What you return must be the lines from the first one below through the one containing "# Sketch1 → Boss-Extrude1 (new body)", exactly and with pictures excluded.
-- Opening Marker --
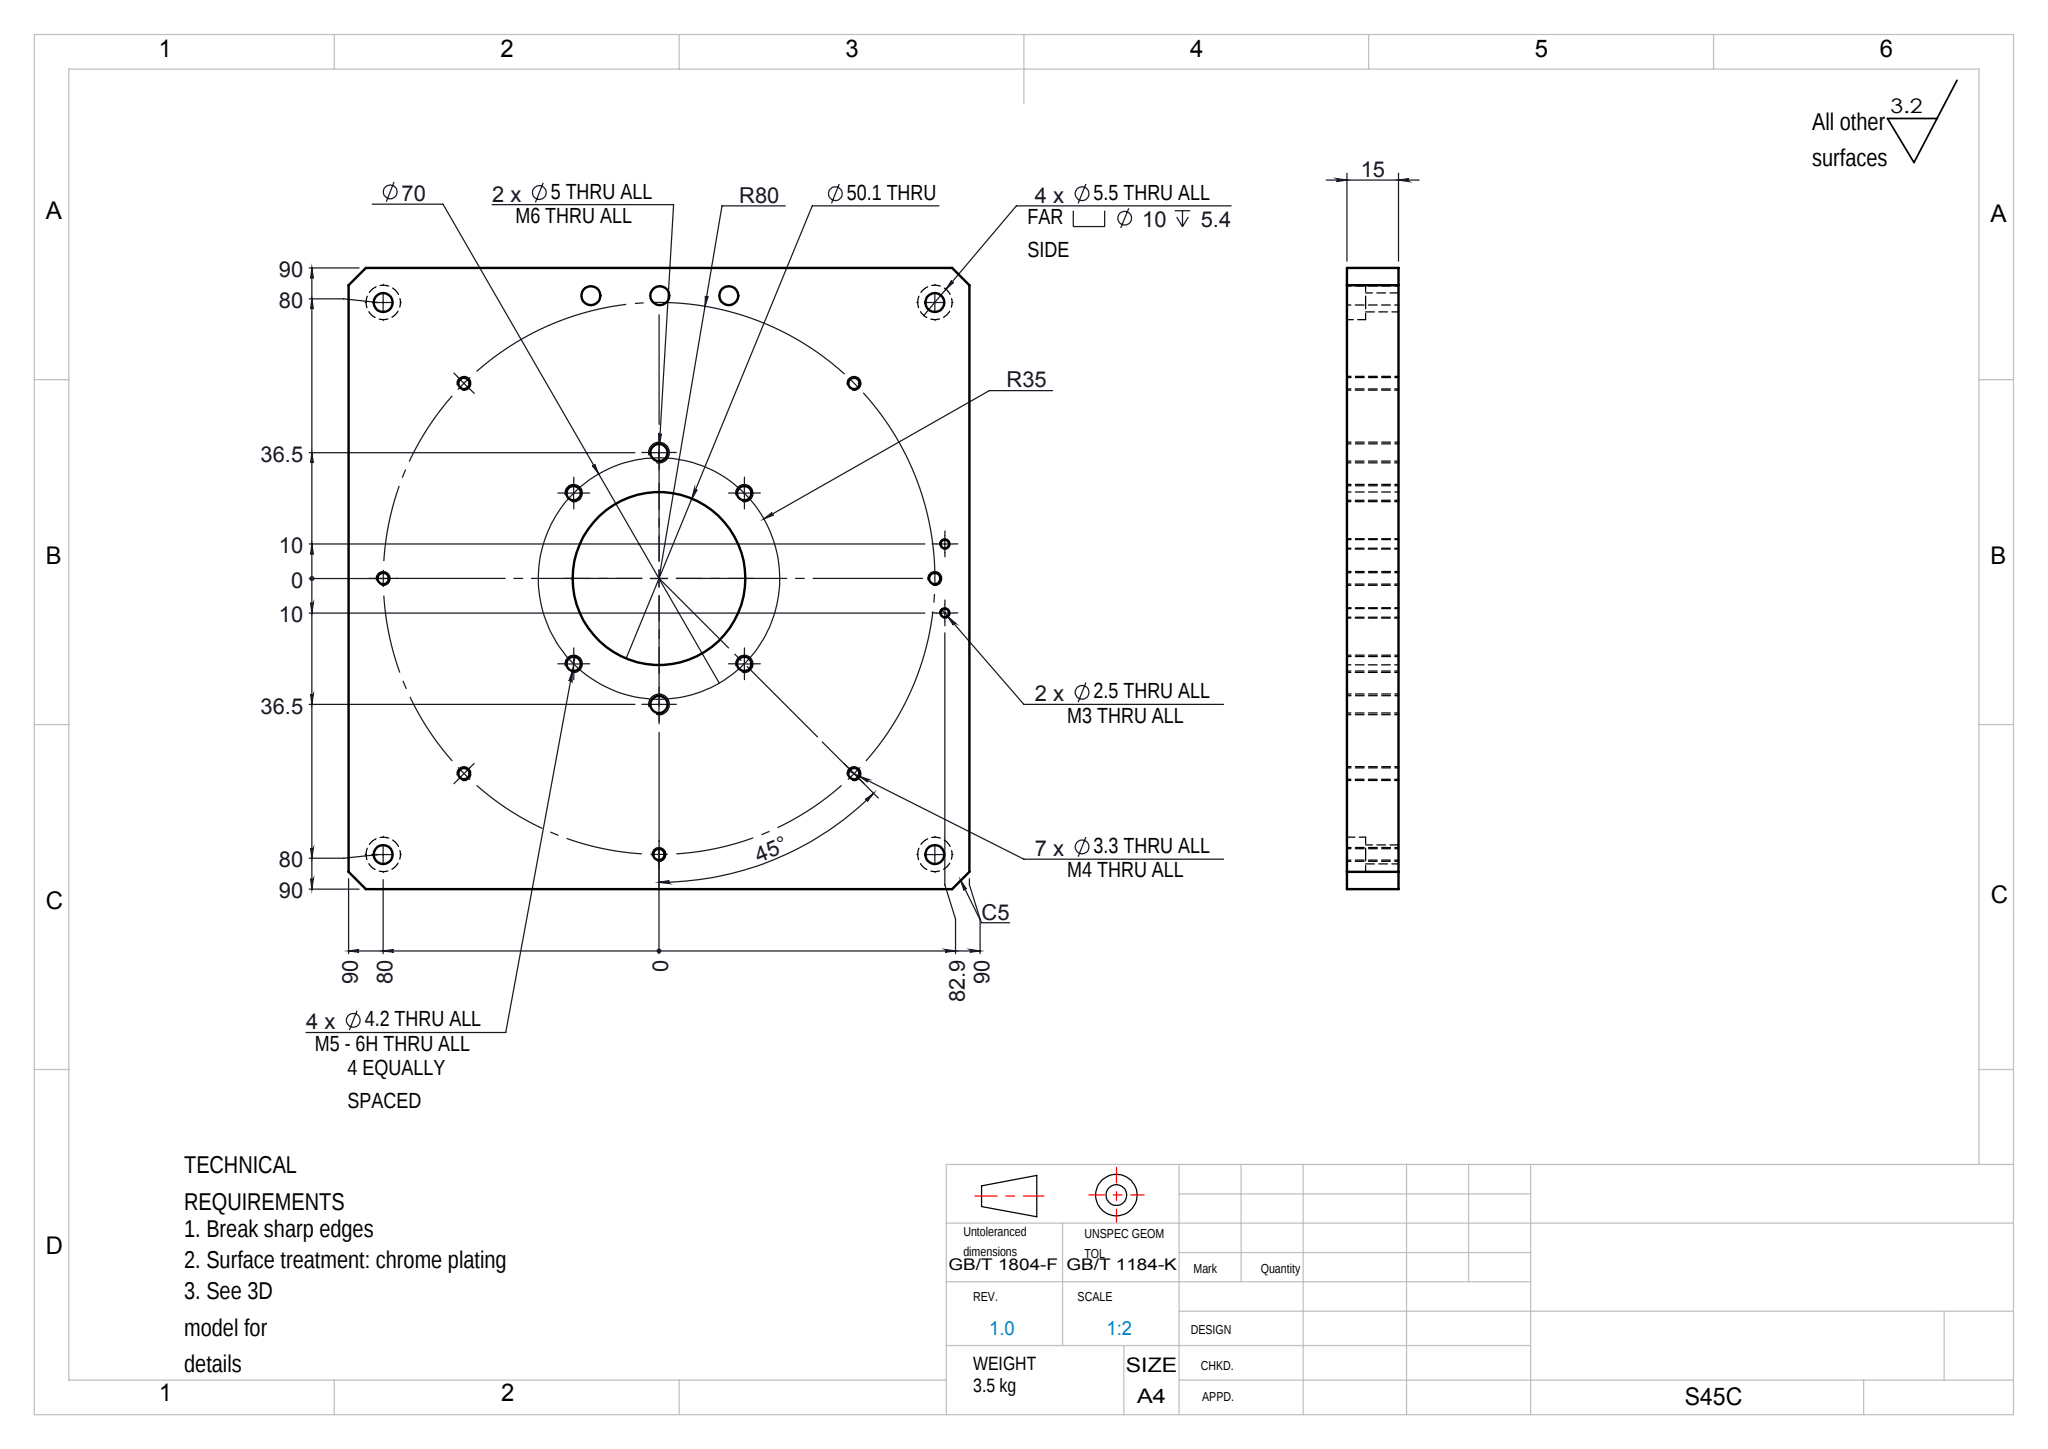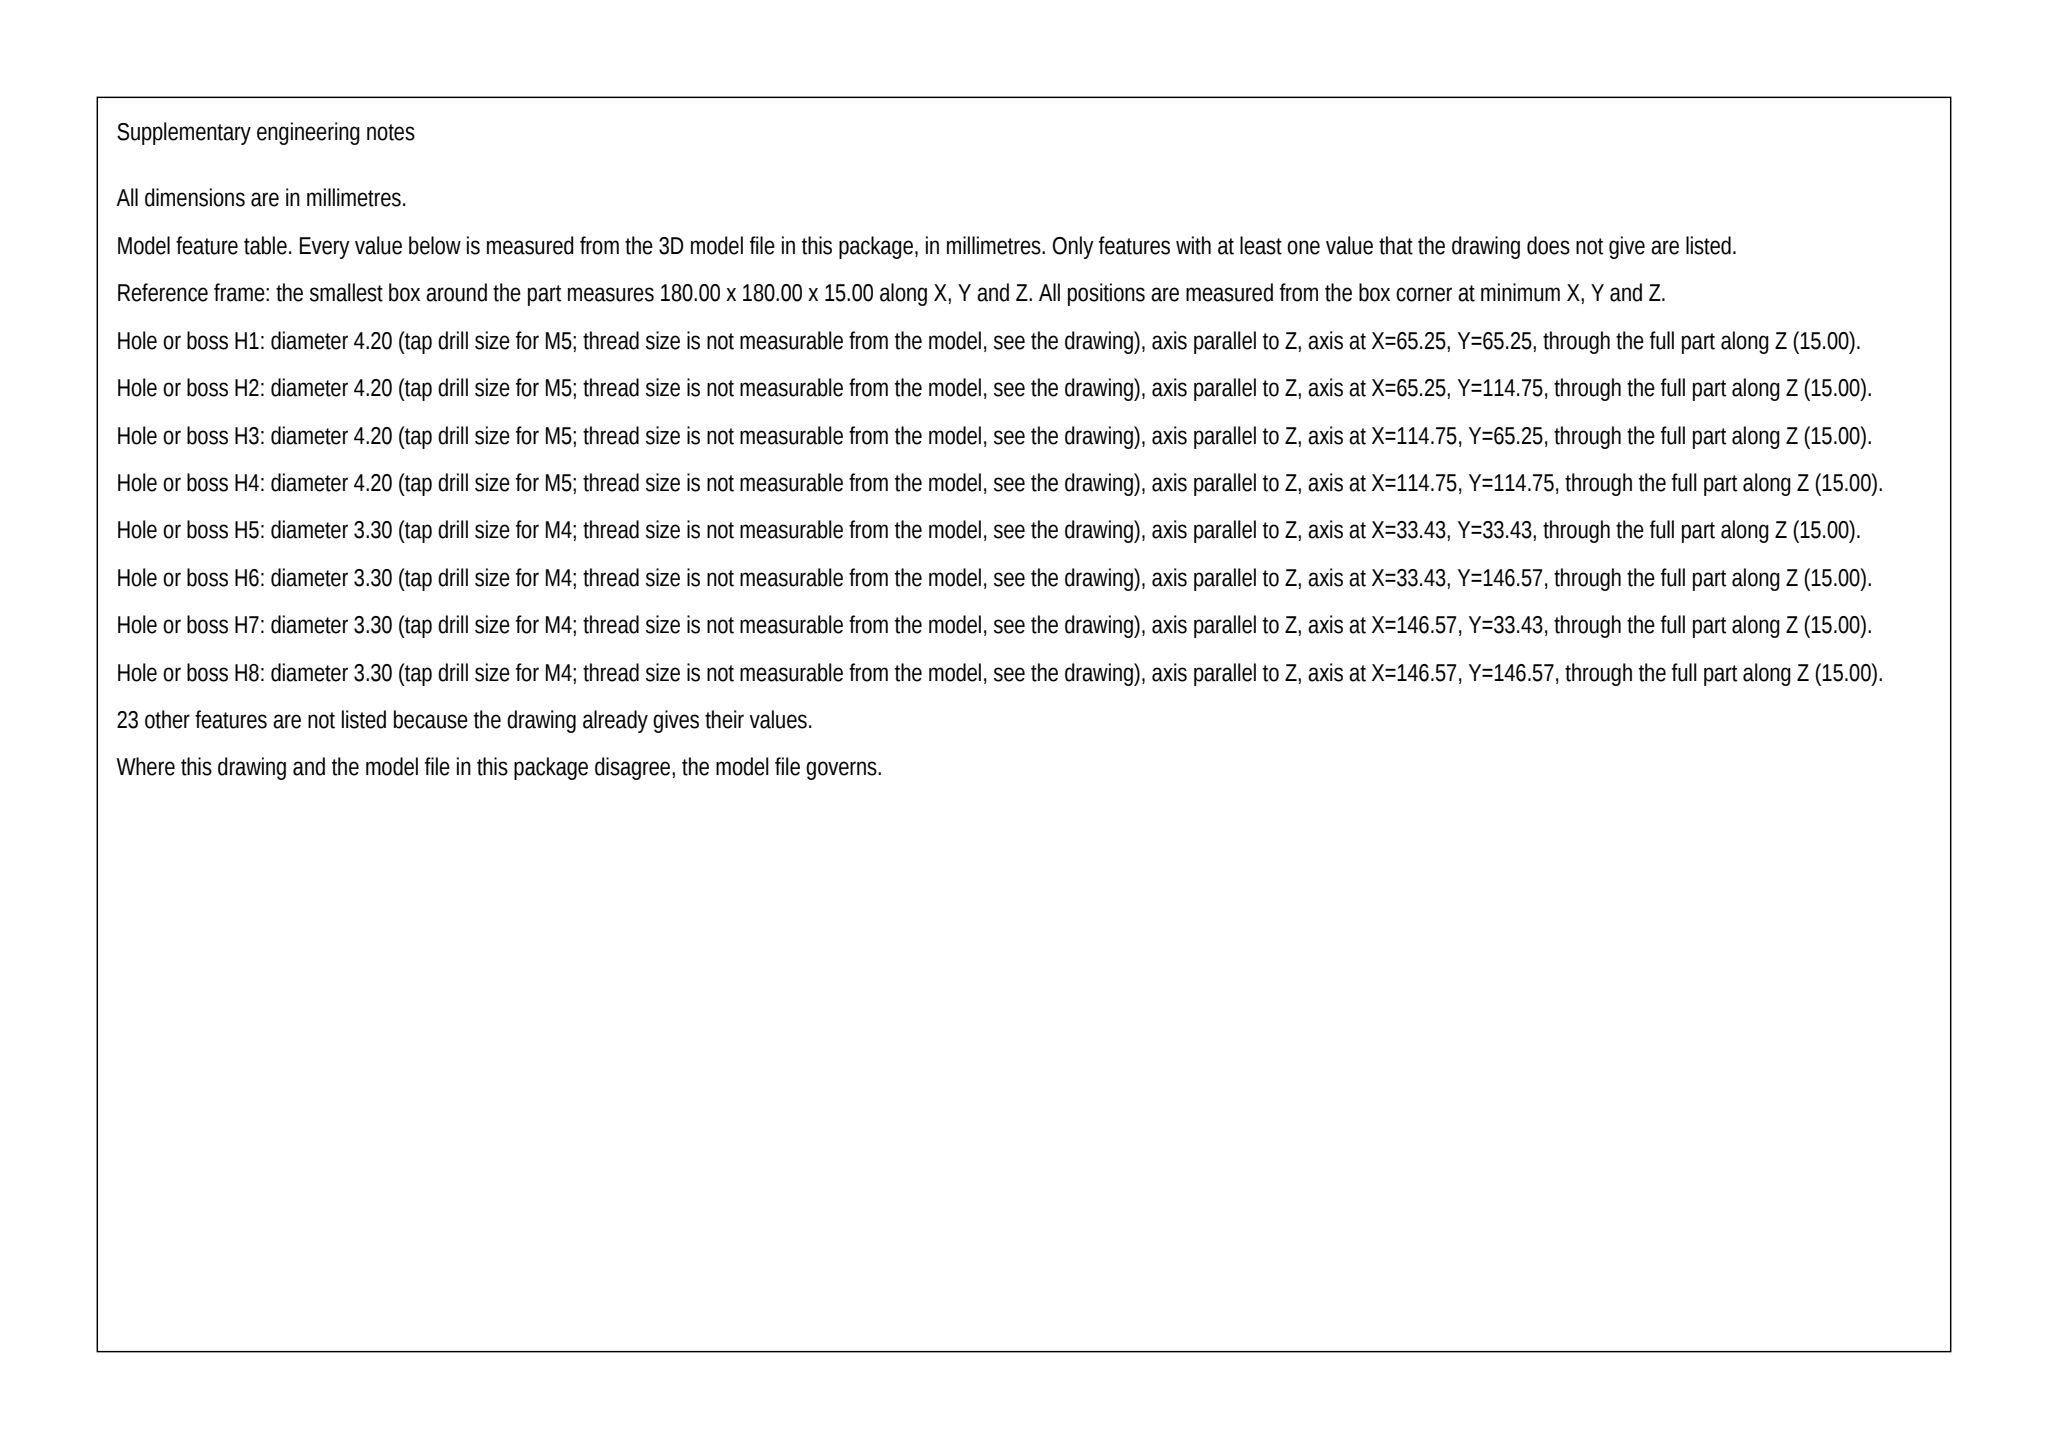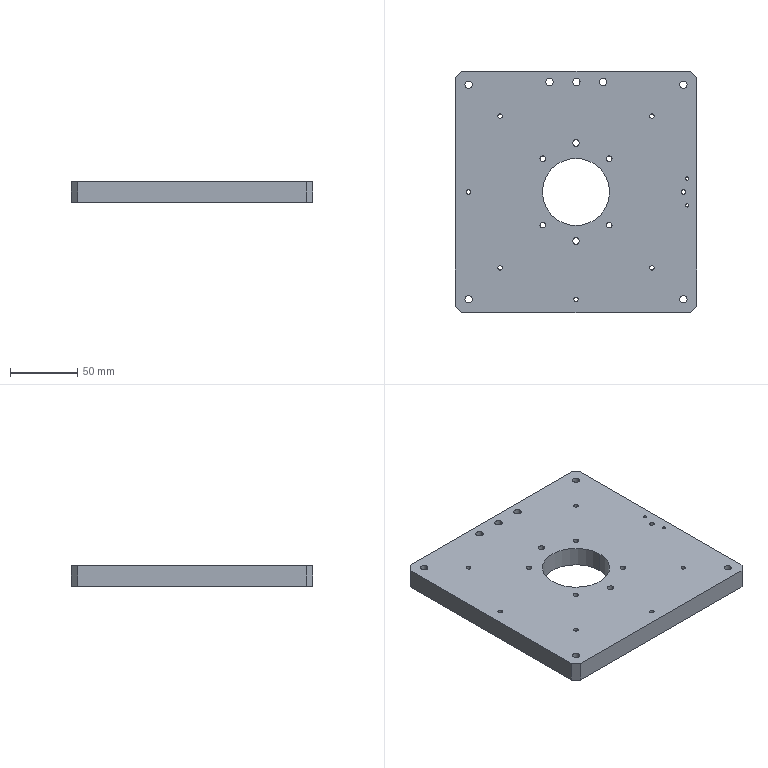Part | SolidWorks | mm | 1 solid | 68 faces | box 180 x 180 x 15 mm | volume 449536 mm3 | cylinder 54 | plane 14 | commonest cylinder face diameters 5.5 x14 3.3 x14 4.2 x8 10 x8 5 x4 2.5 x4 50.1 x2
build123d program:
from build123d import *

# Parameters (mm, degrees)
SKETCH1_W                                       = 180
SKETCH1_H                                       = 180
BOSS_EXTRUDE1_DEPTH                             = 15
M5_HEX_SOCKET_HEAD_CAP_SCREW_CBORE1_D           = 5.5
M5_HEX_SOCKET_HEAD_CAP_SCREW_CBORE1_CBORE_D     = 10
M5_HEX_SOCKET_HEAD_CAP_SCREW_CBORE1_CBORE_DEPTH = 5.4
SKETCH4_R                                       = 25.05
CUT_EXTRUDE1_DEPTH                              = 129.16
CHAMFER1_SIZE                                   = 5
M5_TAPPED_HOLE1_D                               = 4.2
M4_TAPPED_HOLE1_D                               = 3.3
M3_TAPPED_HOLE1_D                               = 2.5
M6_TAPPED_HOLE2_D                               = 5
M5_CLEARANCE_HOLE1_D                            = 5.5


with BuildPart() as part:
    # Sketch1 → Boss-Extrude1 (new body)
    with BuildSketch(Plane.XY):
        Rectangle(SKETCH1_W, SKETCH1_H)
    extrude(amount=BOSS_EXTRUDE1_DEPTH)

    # M5 Hex Socket Head Cap Screw CBORE1 (through all)
    with Locations(Plane(origin=(0, 0, 0), x_dir=(-1, 0, 0), z_dir=(0, 0, -1))):
        with Locations((-80, 80), (80, 80), (80, -80), (-80, -80)):
            CounterBoreHole(M5_HEX_SOCKET_HEAD_CAP_SCREW_CBORE1_D / 2, M5_HEX_SOCKET_HEAD_CAP_SCREW_CBORE1_CBORE_D / 2, M5_HEX_SOCKET_HEAD_CAP_SCREW_CBORE1_CBORE_DEPTH)

    # Sketch4 → Cut-Extrude1 (cut, through all)
    with BuildSketch(Plane(origin=(0, 0, 0), x_dir=(-1, 0, 0), z_dir=(0, 0, -1))):
        Circle(SKETCH4_R)
    extrude(amount=-CUT_EXTRUDE1_DEPTH, mode=Mode.SUBTRACT)

    # Chamfer1
    chamfer1_edges = [part.edges().sort_by_distance(p)[0] for p in [
        (90, -90, 7.5),
        (-90, -90, 7.5),
        (-90, 90, 7.5),
        (90, 90, 7.5),
    ]]
    chamfer(chamfer1_edges, length=CHAMFER1_SIZE)

    # M5 Tapped Hole1 (through all)
    with Locations(Plane.XY.offset(15)):
        with Locations((24.749, 24.749), (-24.749, 24.749), (-24.749, -24.749), (24.749, -24.749)):
            Hole(M5_TAPPED_HOLE1_D / 2)

    # M4 Tapped Hole1 (through all)
    with Locations(Plane.XY.offset(15)):
        with Locations((56.569, -56.569), (0, -80), (-56.569, -56.569), (-80, 0), (-56.569, 56.569), (80, 0), (56.569, 56.569)):
            Hole(M4_TAPPED_HOLE1_D / 2)

    # M3 Tapped Hole1 (through all)
    with Locations(Plane(origin=(0, 0, 0), x_dir=(1, 0, 0), z_dir=(0, 0, -1))):
        with Locations((82.9, 10), (82.9, -10)):
            Hole(M3_TAPPED_HOLE1_D / 2)

    # M6 Tapped Hole2 (through all)
    with Locations(Plane(origin=(0, 0, 0), x_dir=(-1, 0, 0), z_dir=(0, 0, -1))):
        with Locations((0, -36.5), (0, 36.5)):
            Hole(M6_TAPPED_HOLE2_D / 2)

    # M5 Clearance Hole1 (through all)
    with Locations(Plane.XY.offset(15)):
        with Locations((-19.75, 82), (0.25, 82), (20.25, 82)):
            Hole(M5_CLEARANCE_HOLE1_D / 2)


solid = part.part
-- Closing Marker --
:: TASK OUTPUT ::
Part | SolidWorks | mm | 1 solid | 68 faces | box 180 x 180 x 15 mm | volume 449536 mm3 | cylinder 54 | plane 14 | commonest cylinder face diameters 5.5 x14 3.3 x14 4.2 x8 10 x8 5 x4 2.5 x4 50.1 x2
build123d program:
from build123d import *

# Parameters (mm, degrees)
SKETCH1_W                                       = 180
SKETCH1_H                                       = 180
BOSS_EXTRUDE1_DEPTH                             = 15
M5_HEX_SOCKET_HEAD_CAP_SCREW_CBORE1_D           = 5.5
M5_HEX_SOCKET_HEAD_CAP_SCREW_CBORE1_CBORE_D     = 10
M5_HEX_SOCKET_HEAD_CAP_SCREW_CBORE1_CBORE_DEPTH = 5.4
SKETCH4_R                                       = 25.05
CUT_EXTRUDE1_DEPTH                              = 129.16
CHAMFER1_SIZE                                   = 5
M5_TAPPED_HOLE1_D                               = 4.2
M4_TAPPED_HOLE1_D                               = 3.3
M3_TAPPED_HOLE1_D                               = 2.5
M6_TAPPED_HOLE2_D                               = 5
M5_CLEARANCE_HOLE1_D                            = 5.5


with BuildPart() as part:
    # Sketch1 → Boss-Extrude1 (new body)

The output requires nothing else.